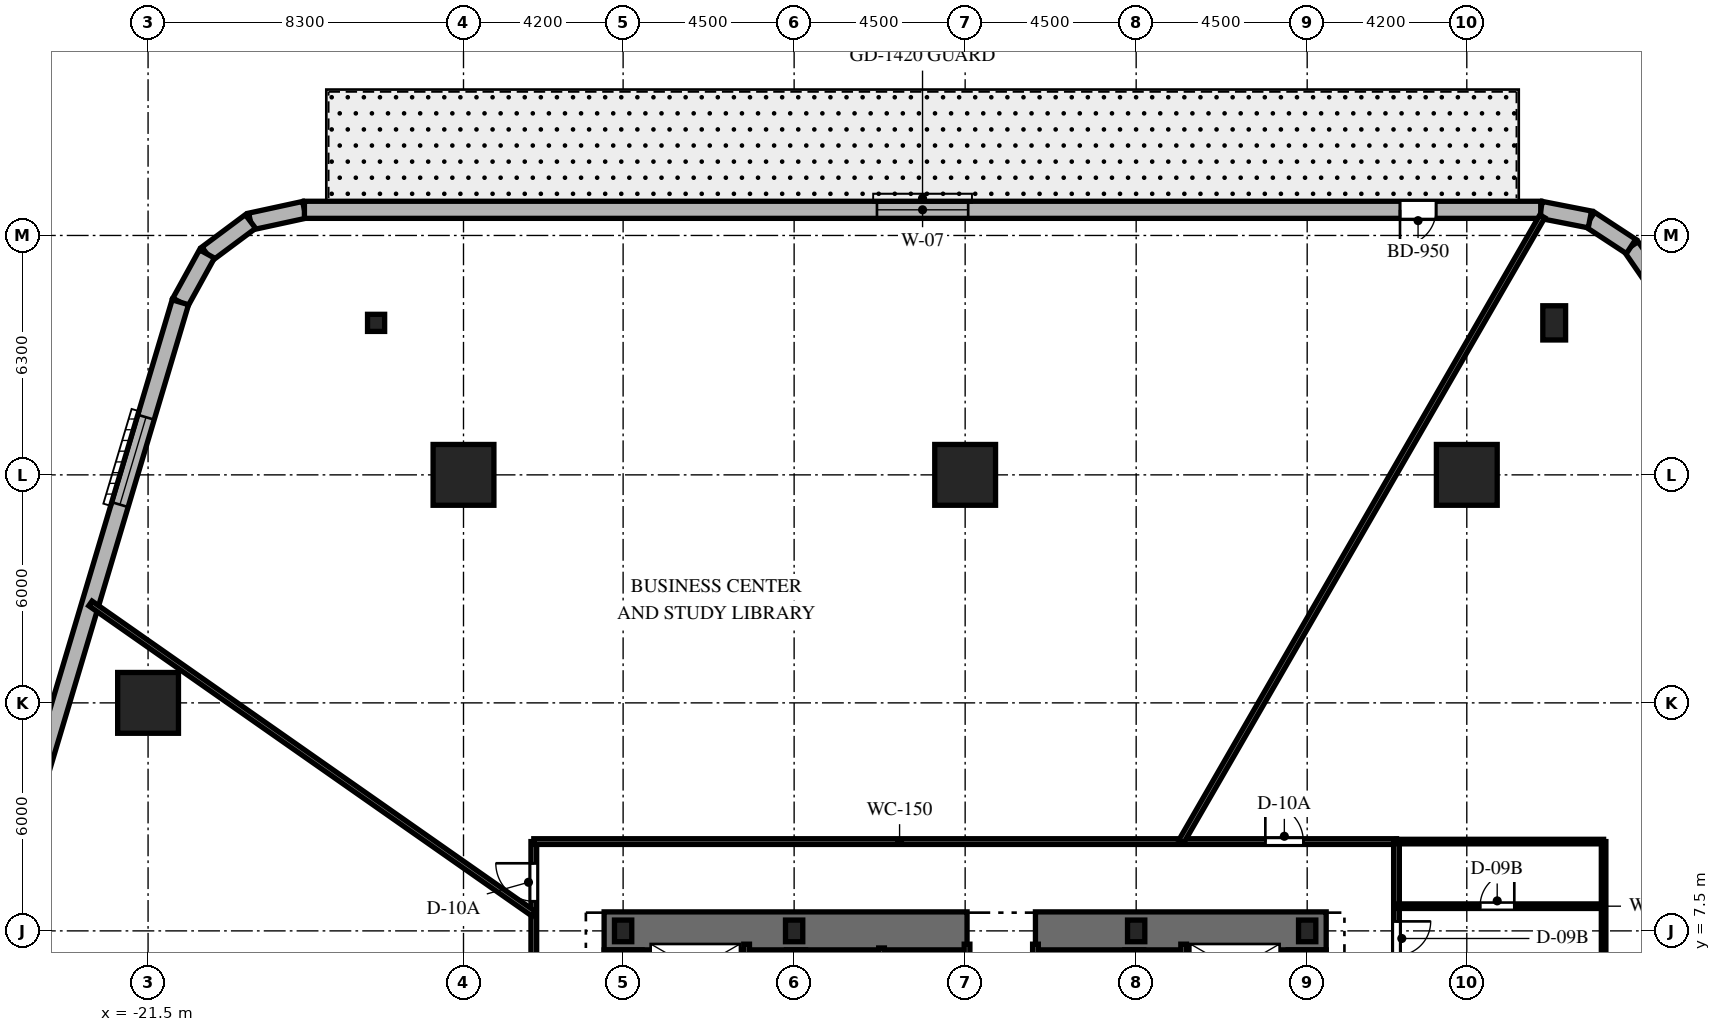
"""IFC4 building model, lengths in metres.
Left out: names, types, materials, properties, quantities, classifications, styles, units other than length and angle.
Written with IfcOpenShell. Run it as: python <this file> out.ifc"""

import sys

from ifc_helpers import new_model, si_unit, direction, frame, frame_2d, origin, origin_2d, place, context, subcontext, project, spatial, rectangle, i_section, extrude, element, fill, save


model = new_model("IFC4")
c1 = context("Model", 3, precision=1e-05, world=origin(), true_north=direction((0.0, 1.0)))
c2 = subcontext(c1, "Body", "Model", "MODEL_VIEW")
j1 = project(units=[si_unit("LENGTHUNIT", "METRE"), si_unit("PLANEANGLEUNIT", "RADIAN")], contexts=[c1])
p1 = place(None, origin())
s1 = spatial("IfcSite", under=j1, at=p1, CompositionType="ELEMENT")
p2 = place(p1, origin())
s2 = spatial("IfcBuilding", under=s1, at=p2, CompositionType="ELEMENT")
p3 = place(p2, frame((0.0, 0.0, 18.6)))
s3 = spatial("IfcBuildingStorey", under=s2, at=p3, CompositionType="ELEMENT", Elevation=18.6)
p4 = place(p3, frame((-9.5, 7.5, 0.0), z_axis=(0.0, 0.0, 1.0), x_axis=(1.0, 0.0, 0.0)))
e1 = element("IfcWall", 1, at=p4, inside=s3, PredefinedType="SHEAR", context=c2, shape_type="SweptSolid", body=[
    extrude(rectangle(XDim=9.55, YDim=1.0, at=frame_2d((4.775, 0.0))), origin(), (0.0, 0.0, 1.0), 4.8),
])
p5 = place(p3, frame((1.85, 7.5, 0.0), z_axis=(0.0, 0.0, 1.0), x_axis=(1.0, 0.0, 0.0)))
e2 = element("IfcWall", 2, at=p5, inside=s3, PredefinedType="SHEAR", context=c2, shape_type="SweptSolid", body=[
    extrude(rectangle(XDim=7.65, YDim=1.0, at=frame_2d((3.825, 0.0))), origin(), (0.0, 0.0, 1.0), 4.8),
])
p6 = place(p3, frame((-9.0, -7.0, 0.0), z_axis=(0.0, 0.0, 1.0), x_axis=(0.0, 1.0, 0.0)))
e3 = element("IfcWall", 3, at=p6, inside=s3, PredefinedType="SHEAR", context=c2, shape_type="SweptSolid", body=[
    extrude(rectangle(XDim=14.0, YDim=1.0, at=frame_2d((7.0, 0.0))), origin(), (0.0, 0.0, 1.0), 4.8),
])
p7 = place(p6, frame((10.125, 0.0, 0.0)))
e4 = element("IfcOpeningElement", 4, at=p7, cuts=e3, PredefinedType="OPENING", context=c2, shape_type="SweptSolid", body=[
    extrude(rectangle(XDim=1.05, YDim=2.15, at=frame_2d((0.525, 1.075))), frame((0.0, 0.51, 0.0), z_axis=(0.0, -1.0, 0.0), x_axis=(1.0, 0.0, 0.0)), (0.0, 0.0, 1.0), 1.02),
])
p8 = place(p3, frame((9.0, -7.0, 0.0), z_axis=(0.0, 0.0, 1.0), x_axis=(0.0, 1.0, 0.0)))
e5 = element("IfcWall", 5, at=p8, inside=s3, PredefinedType="SHEAR", context=c2, shape_type="SweptSolid", body=[
    extrude(rectangle(XDim=14.0, YDim=1.0, at=frame_2d((7.0, 0.0))), origin(), (0.0, 0.0, 1.0), 4.8),
])
p9 = place(p8, frame((10.125, 0.0, 0.0)))
e6 = element("IfcOpeningElement", 6, at=p9, cuts=e5, PredefinedType="OPENING", context=c2, shape_type="SweptSolid", body=[
    extrude(rectangle(XDim=1.05, YDim=2.15, at=frame_2d((0.525, 1.075))), frame((0.0, 0.51, 0.0), z_axis=(0.0, -1.0, 0.0), x_axis=(1.0, 0.0, 0.0)), (0.0, 0.0, 1.0), 1.02),
])
for number, where, z_axis, x_axis in (
    (7, (-4.45, 2.25, 0.0), (0.0, 0.0, 1.0), (0.0, 1.0, 0.0)),
    (8, (4.45, 2.25, 0.0), (0.0, 0.0, 1.0), (0.0, 1.0, 0.0)),
):
    element("IfcWall", number, at=place(p3, frame(where, z_axis=z_axis, x_axis=x_axis)), inside=s3, PredefinedType="SHEAR", context=c2, shape_type="SweptSolid", body=[
        extrude(rectangle(XDim=4.75, YDim=0.5, at=frame_2d((2.375, 0.0))), origin(), (0.0, 0.0, 1.0), 4.8),
    ])
for number, where, z_axis, x_axis in (
    (9, (9.0, 7.5, 0.0), (0.0, 0.0, 1.0), (1.0, 0.0, 0.0)),
    (10, (4.5, 7.5, 0.0), (0.0, 0.0, 1.0), (1.0, 0.0, 0.0)),
    (11, (-4.5, 7.5, 0.0), (0.0, 0.0, 1.0), (1.0, 0.0, 0.0)),
    (12, (-9.0, 7.5, 0.0), (0.0, 0.0, 1.0), (1.0, 0.0, 0.0)),
):
    element("IfcColumn", number, at=place(p3, frame(where, z_axis=z_axis, x_axis=x_axis)), inside=s3, PredefinedType="COLUMN", context=c2, shape_type="SweptSolid", body=[
        extrude(i_section(OverallWidth=0.454, OverallDepth=0.569, WebThickness=0.078, FlangeThickness=0.125, at=origin_2d()), origin(), (0.0, 0.0, 1.0), 4.8),
    ])
for number, where, z_axis, x_axis in (
    (13, (-21.5, 13.5, 0.0), (0.0, 0.0, 1.0), (1.0, 0.0, 0.0)),
    (14, (-13.2, 19.5, 0.0), (0.0, 0.0, 1.0), (1.0, 0.0, 0.0)),
    (15, (0.0, 19.5, 0.0), (0.0, 0.0, 1.0), (1.0, 0.0, 0.0)),
    (16, (13.2, 19.5, 0.0), (0.0, 0.0, 1.0), (1.0, 0.0, 0.0)),
):
    element("IfcColumn", number, at=place(p3, frame(where, z_axis=z_axis, x_axis=x_axis)), inside=s3, PredefinedType="COLUMN", context=c2, shape_type="SweptSolid", body=[
        extrude(rectangle(XDim=1.6, YDim=1.6, at=origin_2d()), origin(), (0.0, 0.0, 1.0), 4.8),
    ])
p10 = place(p3, frame((15.5, 23.5, 0.0), z_axis=(0.0, 0.0, 1.0), x_axis=(1.0, 0.0, 0.0)))
e17 = element("IfcColumn", 17, at=p10, inside=s3, PredefinedType="PILASTER", context=c2, shape_type="SweptSolid", body=[
    extrude(rectangle(XDim=0.6, YDim=0.9, at=origin_2d()), origin(), (0.0, 0.0, 1.0), 4.8),
])
p11 = place(p3, frame((-15.5, 23.5, 0.0), z_axis=(0.0, 0.0, 1.0), x_axis=(1.0, 0.0, 0.0)))
e18 = element("IfcColumn", 18, at=p11, inside=s3, PredefinedType="PILASTER", context=c2, shape_type="SweptSolid", body=[
    extrude(rectangle(XDim=0.45, YDim=0.45, at=origin_2d()), origin(), (0.0, 0.0, 1.0), 4.8),
])
p12 = place(p3, frame((18.271, 24.426, 0.0), z_axis=(0.0, 0.0, 1.0), x_axis=(-0.567629051817, 0.823284434162, 0.0)))
e19 = element("IfcWall", 19, at=p12, inside=s3, PredefinedType="SOLIDWALL", context=c2, shape_type="SweptSolid", body=[
    extrude(rectangle(XDim=1.318, YDim=0.45, at=frame_2d((0.659, 0.0))), origin(), (0.0, 0.0, 1.0), 4.48),
])
p13 = place(p3, frame((17.523, 25.511, 0.0), z_axis=(0.0, 0.0, 1.0), x_axis=(-0.83622878949, 0.548380717776, 0.0)))
e20 = element("IfcWall", 20, at=p13, inside=s3, PredefinedType="SOLIDWALL", context=c2, shape_type="SweptSolid", body=[
    extrude(rectangle(XDim=1.296, YDim=0.45, at=frame_2d((0.648, 0.0))), origin(), (0.0, 0.0, 1.0), 4.48),
])
p14 = place(p3, frame((16.439, 26.222, 0.0), z_axis=(0.0, 0.0, 1.0), x_axis=(-0.98134938685, 0.192232621919, 0.0)))
e21 = element("IfcWall", 21, at=p14, inside=s3, PredefinedType="SOLIDWALL", context=c2, shape_type="SweptSolid", body=[
    extrude(rectangle(XDim=1.318, YDim=0.45, at=frame_2d((0.659, 0.0))), origin(), (0.0, 0.0, 1.0), 4.48),
])
p15 = place(p3, frame((-17.386, 26.475, 0.0), z_axis=(0.0, 0.0, 1.0), x_axis=(-0.977277895208, -0.211962061551, 0.0)))
e22 = element("IfcWall", 22, at=p15, inside=s3, PredefinedType="SOLIDWALL", context=c2, shape_type="SweptSolid", body=[
    extrude(rectangle(XDim=1.452, YDim=0.45, at=frame_2d((0.726, 0.0))), origin(), (0.0, 0.0, 1.0), 4.48),
])
p16 = place(p3, frame((-18.805, 26.167, 0.0), z_axis=(0.0, 0.0, 1.0), x_axis=(-0.801863548993, -0.597507195603, 0.0)))
e23 = element("IfcWall", 23, at=p16, inside=s3, PredefinedType="SOLIDWALL", context=c2, shape_type="SweptSolid", body=[
    extrude(rectangle(XDim=1.428, YDim=0.45, at=frame_2d((0.714, 0.0))), origin(), (0.0, 0.0, 1.0), 4.48),
])
p17 = place(p3, frame((-19.95, 25.314, 0.0), z_axis=(0.0, 0.0, 1.0), x_axis=(-0.482499474814, -0.875896259157, 0.0)))
e24 = element("IfcWall", 24, at=p17, inside=s3, PredefinedType="SOLIDWALL", context=c2, shape_type="SweptSolid", body=[
    extrude(rectangle(XDim=1.452, YDim=0.45, at=frame_2d((0.726, 0.0))), origin(), (0.0, 0.0, 1.0), 4.48),
])
p18 = place(p3, frame((15.146, 26.475, 0.0), z_axis=(0.0, 0.0, 1.0), x_axis=(-1.0, 0.0, 0.0)))
e25 = element("IfcWall", 25, at=p18, inside=s3, PredefinedType="SOLIDWALL", context=c2, shape_type="SweptSolid", body=[
    extrude(rectangle(XDim=32.531, YDim=0.45, at=frame_2d((16.266, 0.0))), origin(), (0.0, 0.0, 1.0), 4.48),
])
p19 = place(p18, frame((2.753, 0.0, 0.0)))
e26 = element("IfcOpeningElement", 26, at=p19, cuts=e25, PredefinedType="OPENING", context=c2, shape_type="SweptSolid", body=[
    extrude(rectangle(XDim=0.95, YDim=2.15, at=frame_2d((0.475, 1.075))), frame((0.0, 0.235, 0.0), z_axis=(0.0, -1.0, 0.0), x_axis=(1.0, 0.0, 0.0)), (0.0, 0.0, 1.0), 0.47),
])
p20 = place(p18, frame((15.066, 0.0, 0.85)))
e27 = element("IfcOpeningElement", 27, at=p20, cuts=e25, PredefinedType="OPENING", context=c2, shape_type="SweptSolid", body=[
    extrude(rectangle(XDim=2.4, YDim=2.4, at=frame_2d((1.2, 1.2))), frame((0.0, 0.235, 0.0), z_axis=(0.0, -1.0, 0.0), x_axis=(1.0, 0.0, 0.0)), (0.0, 0.0, 1.0), 0.47),
])
p21 = place(p3, frame((-20.651, 24.042, 0.0), z_axis=(0.0, 0.0, 1.0), x_axis=(-0.286003469805, -0.958228581947, 0.0)))
e28 = element("IfcWall", 28, at=p21, inside=s3, PredefinedType="SOLIDWALL", context=c2, shape_type="SweptSolid", body=[
    extrude(rectangle(XDim=25.362, YDim=0.45, at=frame_2d((12.681, 0.0))), origin(), (0.0, 0.0, 1.0), 4.48),
])
p22 = place(p21, frame((3.157, 0.0, 0.85)))
e29 = element("IfcOpeningElement", 29, at=p22, cuts=e28, PredefinedType="OPENING", context=c2, shape_type="SweptSolid", body=[
    extrude(rectangle(XDim=2.4, YDim=2.4, at=frame_2d((1.2, 1.2))), frame((0.0, 0.235, 0.0), z_axis=(0.0, -1.0, 0.0), x_axis=(1.0, 0.0, 0.0)), (0.0, 0.0, 1.0), 0.47),
])
p23 = place(p21, frame((15.407, 0.0, 0.85)))
e30 = element("IfcOpeningElement", 30, at=p23, cuts=e28, PredefinedType="OPENING", context=c2, shape_type="SweptSolid", body=[
    extrude(rectangle(XDim=2.4, YDim=2.4, at=frame_2d((1.2, 1.2))), frame((0.0, 0.235, 0.0), z_axis=(0.0, -1.0, 0.0), x_axis=(1.0, 0.0, 0.0)), (0.0, 0.0, 1.0), 0.47),
])
for number, where, z_axis, x_axis in (
    (31, (-5.75, 5.74, 0.0), (0.0, 0.0, 1.0), (0.0, 1.0, 0.0)),
    (32, (5.75, 5.74, 0.0), (0.0, 0.0, 1.0), (0.0, 1.0, 0.0)),
):
    element("IfcWall", number, at=place(p3, frame(where, z_axis=z_axis, x_axis=x_axis)), inside=s3, PredefinedType="PARTITIONING", context=c2, shape_type="SweptSolid", body=[
        extrude(rectangle(XDim=1.41, YDim=0.15, at=frame_2d((0.705, 0.0))), origin(), (0.0, 0.0, 1.0), 4.48),
    ])
p24 = place(p3, frame((-2.2, 5.2, 0.0), z_axis=(0.0, 0.0, 1.0), x_axis=(0.0, 1.0, 0.0)))
e33 = element("IfcWall", 33, at=p24, inside=s3, PredefinedType="PARTITIONING", context=c2, shape_type="SweptSolid", body=[
    extrude(rectangle(XDim=1.85, YDim=0.15, at=frame_2d((0.925, 0.0))), origin(), (0.0, 0.0, 1.0), 4.48),
])
for number, where, z_axis, x_axis in (
    (34, (0.05, 5.2, 0.0), (0.0, 0.0, 1.0), (0.0, 1.0, 0.0)),
    (35, (1.85, 5.2, 0.0), (0.0, 0.0, 1.0), (0.0, 1.0, 0.0)),
):
    element("IfcWall", number, at=place(p3, frame(where, z_axis=z_axis, x_axis=x_axis)), inside=s3, PredefinedType="PARTITIONING", context=c2, shape_type="SweptSolid", body=[
        extrude(rectangle(XDim=1.95, YDim=0.15, at=frame_2d((0.975, 0.0))), origin(), (0.0, 0.0, 1.0), 4.48),
    ])
p25 = place(p3, frame((-11.35, -9.85, 0.0), z_axis=(0.0, 0.0, 1.0), x_axis=(0.0, 1.0, 0.0)))
e36 = element("IfcWall", 36, at=p25, inside=s3, PredefinedType="PARTITIONING", context=c2, shape_type="SweptSolid", body=[
    extrude(rectangle(XDim=19.7, YDim=0.15, at=frame_2d((9.85, 0.0))), origin(), (0.0, 0.0, 1.0), 3.522),
])
p26 = place(p25, frame((18.129, 0.0, 0.0)))
e37 = element("IfcOpeningElement", 37, at=p26, cuts=e36, PredefinedType="OPENING", context=c2, shape_type="SweptSolid", body=[
    extrude(rectangle(XDim=1.0, YDim=2.03, at=frame_2d((0.5, 1.015))), frame((0.0, 0.085, 0.0), z_axis=(0.0, -1.0, 0.0), x_axis=(1.0, 0.0, 0.0)), (0.0, 0.0, 1.0), 0.17),
])
p27 = place(p25, frame((8.545, 0.0, 0.0)))
e38 = element("IfcOpeningElement", 38, at=p27, cuts=e36, PredefinedType="OPENING", context=c2, shape_type="SweptSolid", body=[
    extrude(rectangle(XDim=1.0, YDim=2.03, at=frame_2d((0.5, 1.015))), frame((0.0, 0.085, 0.0), z_axis=(0.0, -1.0, 0.0), x_axis=(1.0, 0.0, 0.0)), (0.0, 0.0, 1.0), 0.17),
])
p28 = place(p3, frame((-11.35, 9.85, 0.0), z_axis=(0.0, 0.0, 1.0), x_axis=(1.0, 0.0, 0.0)))
e39 = element("IfcWall", 39, at=p28, inside=s3, PredefinedType="PARTITIONING", context=c2, shape_type="SweptSolid", body=[
    extrude(rectangle(XDim=22.7, YDim=0.15, at=frame_2d((11.35, 0.0))), origin(), (0.0, 0.0, 1.0), 3.522),
])
p29 = place(p28, frame((19.249, 0.0, 0.0)))
e40 = element("IfcOpeningElement", 40, at=p29, cuts=e39, PredefinedType="OPENING", context=c2, shape_type="SweptSolid", body=[
    extrude(rectangle(XDim=1.0, YDim=2.03, at=frame_2d((0.5, 1.015))), frame((0.0, 0.085, 0.0), z_axis=(0.0, -1.0, 0.0), x_axis=(1.0, 0.0, 0.0)), (0.0, 0.0, 1.0), 0.17),
])
p30 = place(p3, frame((11.35, 9.85, 0.0), z_axis=(0.0, 0.0, 1.0), x_axis=(0.0, -1.0, 0.0)))
e41 = element("IfcWall", 41, at=p30, inside=s3, PredefinedType="PARTITIONING", context=c2, shape_type="SweptSolid", body=[
    extrude(rectangle(XDim=19.7, YDim=0.15, at=frame_2d((9.85, 0.0))), origin(), (0.0, 0.0, 1.0), 3.522),
])
p31 = place(p30, frame((2.1, 0.0, 0.0)))
e42 = element("IfcOpeningElement", 42, at=p31, cuts=e41, PredefinedType="OPENING", context=c2, shape_type="SweptSolid", body=[
    extrude(rectangle(XDim=0.9, YDim=2.03, at=frame_2d((0.45, 1.015))), frame((0.0, 0.085, 0.0), z_axis=(0.0, -1.0, 0.0), x_axis=(1.0, 0.0, 0.0)), (0.0, 0.0, 1.0), 0.17),
])
p32 = place(p3, frame((16.8, 6.45, 0.0), z_axis=(0.0, 0.0, 1.0), x_axis=(0.0, 1.0, 0.0)))
e43 = element("IfcWall", 43, at=p32, inside=s3, PredefinedType="PARTITIONING", context=c2, shape_type="SweptSolid", body=[
    extrude(rectangle(XDim=3.4, YDim=0.12, at=frame_2d((1.7, 0.0))), origin(), (0.0, 0.0, 1.0), 4.48),
])
p33 = place(p3, frame((11.35, 9.85, 0.0), z_axis=(0.0, 0.0, 1.0), x_axis=(1.0, 0.0, 0.0)))
e44 = element("IfcWall", 44, at=p33, inside=s3, PredefinedType="PARTITIONING", context=c2, shape_type="SweptSolid", body=[
    extrude(rectangle(XDim=5.45, YDim=0.12, at=frame_2d((2.725, 0.0))), origin(), (0.0, 0.0, 1.0), 3.614),
])
p34 = place(p3, frame((11.35, 8.15, 0.0), z_axis=(0.0, 0.0, 1.0), x_axis=(1.0, 0.0, 0.0)))
e45 = element("IfcWall", 45, at=p34, inside=s3, PredefinedType="PARTITIONING", context=c2, shape_type="SweptSolid", body=[
    extrude(rectangle(XDim=5.45, YDim=0.12, at=frame_2d((2.725, 0.0))), origin(), (0.0, 0.0, 1.0), 4.48),
])
p35 = place(p34, frame((2.2, 0.0, 0.0)))
e46 = element("IfcOpeningElement", 46, at=p35, cuts=e45, PredefinedType="OPENING", context=c2, shape_type="SweptSolid", body=[
    extrude(rectangle(XDim=0.9, YDim=2.03, at=frame_2d((0.45, 1.015))), frame((0.0, 0.07, 0.0), z_axis=(0.0, -1.0, 0.0), x_axis=(1.0, 0.0, 0.0)), (0.0, 0.0, 1.0), 0.14),
])
p36 = place(p3, frame((5.687, 9.85, 0.0), z_axis=(0.0, 0.0, 1.0), x_axis=(0.499994975061, 0.866028304915, 0.0)))
e47 = element("IfcWall", 47, at=p36, inside=s3, PredefinedType="PARTITIONING", context=c2, shape_type="SweptSolid", body=[
    extrude(rectangle(XDim=18.999, YDim=0.15, at=frame_2d((9.5, 0.0))), origin(), (0.0, 0.0, 1.0), 3.614),
])
p37 = place(p3, frame((-11.35, 7.948, 0.0), z_axis=(0.0, 0.0, 1.0), x_axis=(-0.819152990014, 0.573575085713, 0.0)))
e48 = element("IfcWall", 48, at=p37, inside=s3, PredefinedType="PARTITIONING", context=c2, shape_type="SweptSolid", body=[
    extrude(rectangle(XDim=14.242, YDim=0.15, at=frame_2d((7.121, 0.0))), origin(), (0.0, 0.0, 1.0), 3.614),
])
p38 = place(p19, origin())
e49 = element("IfcDoor", 49, at=p38, inside=s3, OperationType="SINGLE_SWING_RIGHT", PredefinedType="DOOR", context=c2, shape_type="SweptSolid", body=[
    extrude(rectangle(XDim=0.95, YDim=2.15, at=frame_2d((0.475, 1.075))), frame((0.0, 0.025, 0.0), z_axis=(0.0, -1.0, 0.0), x_axis=(1.0, 0.0, 0.0)), (0.0, 0.0, 1.0), 0.05),
])
fill(e26, e49)
p39 = place(p20, origin())
e50 = element("IfcWindow", 50, at=p39, inside=s3, PartitioningType="SINGLE_PANEL", PredefinedType="WINDOW", context=c2, shape_type="SweptSolid", body=[
    extrude(rectangle(XDim=2.4, YDim=2.4, at=frame_2d((1.2, 1.2))), frame((0.0, 0.03, 0.0), z_axis=(0.0, -1.0, 0.0), x_axis=(1.0, 0.0, 0.0)), (0.0, 0.0, 1.0), 0.06),
])
fill(e27, e50)
p40 = place(p22, origin())
e51 = element("IfcWindow", 51, at=p40, inside=s3, PartitioningType="SINGLE_PANEL", PredefinedType="WINDOW", context=c2, shape_type="SweptSolid", body=[
    extrude(rectangle(XDim=2.4, YDim=2.4, at=frame_2d((1.2, 1.2))), frame((0.0, 0.03, 0.0), z_axis=(0.0, -1.0, 0.0), x_axis=(1.0, 0.0, 0.0)), (0.0, 0.0, 1.0), 0.06),
])
fill(e29, e51)
p41 = place(p31, origin())
e52 = element("IfcDoor", 52, at=p41, inside=s3, OperationType="SINGLE_SWING_LEFT", PredefinedType="DOOR", context=c2, shape_type="SweptSolid", body=[
    extrude(rectangle(XDim=0.9, YDim=2.03, at=frame_2d((0.45, 1.015))), frame((0.0, 0.025, 0.0), z_axis=(0.0, -1.0, 0.0), x_axis=(1.0, 0.0, 0.0)), (0.0, 0.0, 1.0), 0.05),
])
fill(e42, e52)
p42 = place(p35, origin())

···

### Exercise
Check each line above for the string "WINDOW" and copy every line that has it.

### Response below
e50 = element("IfcWindow", 50, at=p39, inside=s3, PartitioningType="SINGLE_PANEL", PredefinedType="WINDOW", context=c2, shape_type="SweptSolid", body=[
e51 = element("IfcWindow", 51, at=p40, inside=s3, PartitioningType="SINGLE_PANEL", PredefinedType="WINDOW", context=c2, shape_type="SweptSolid", body=[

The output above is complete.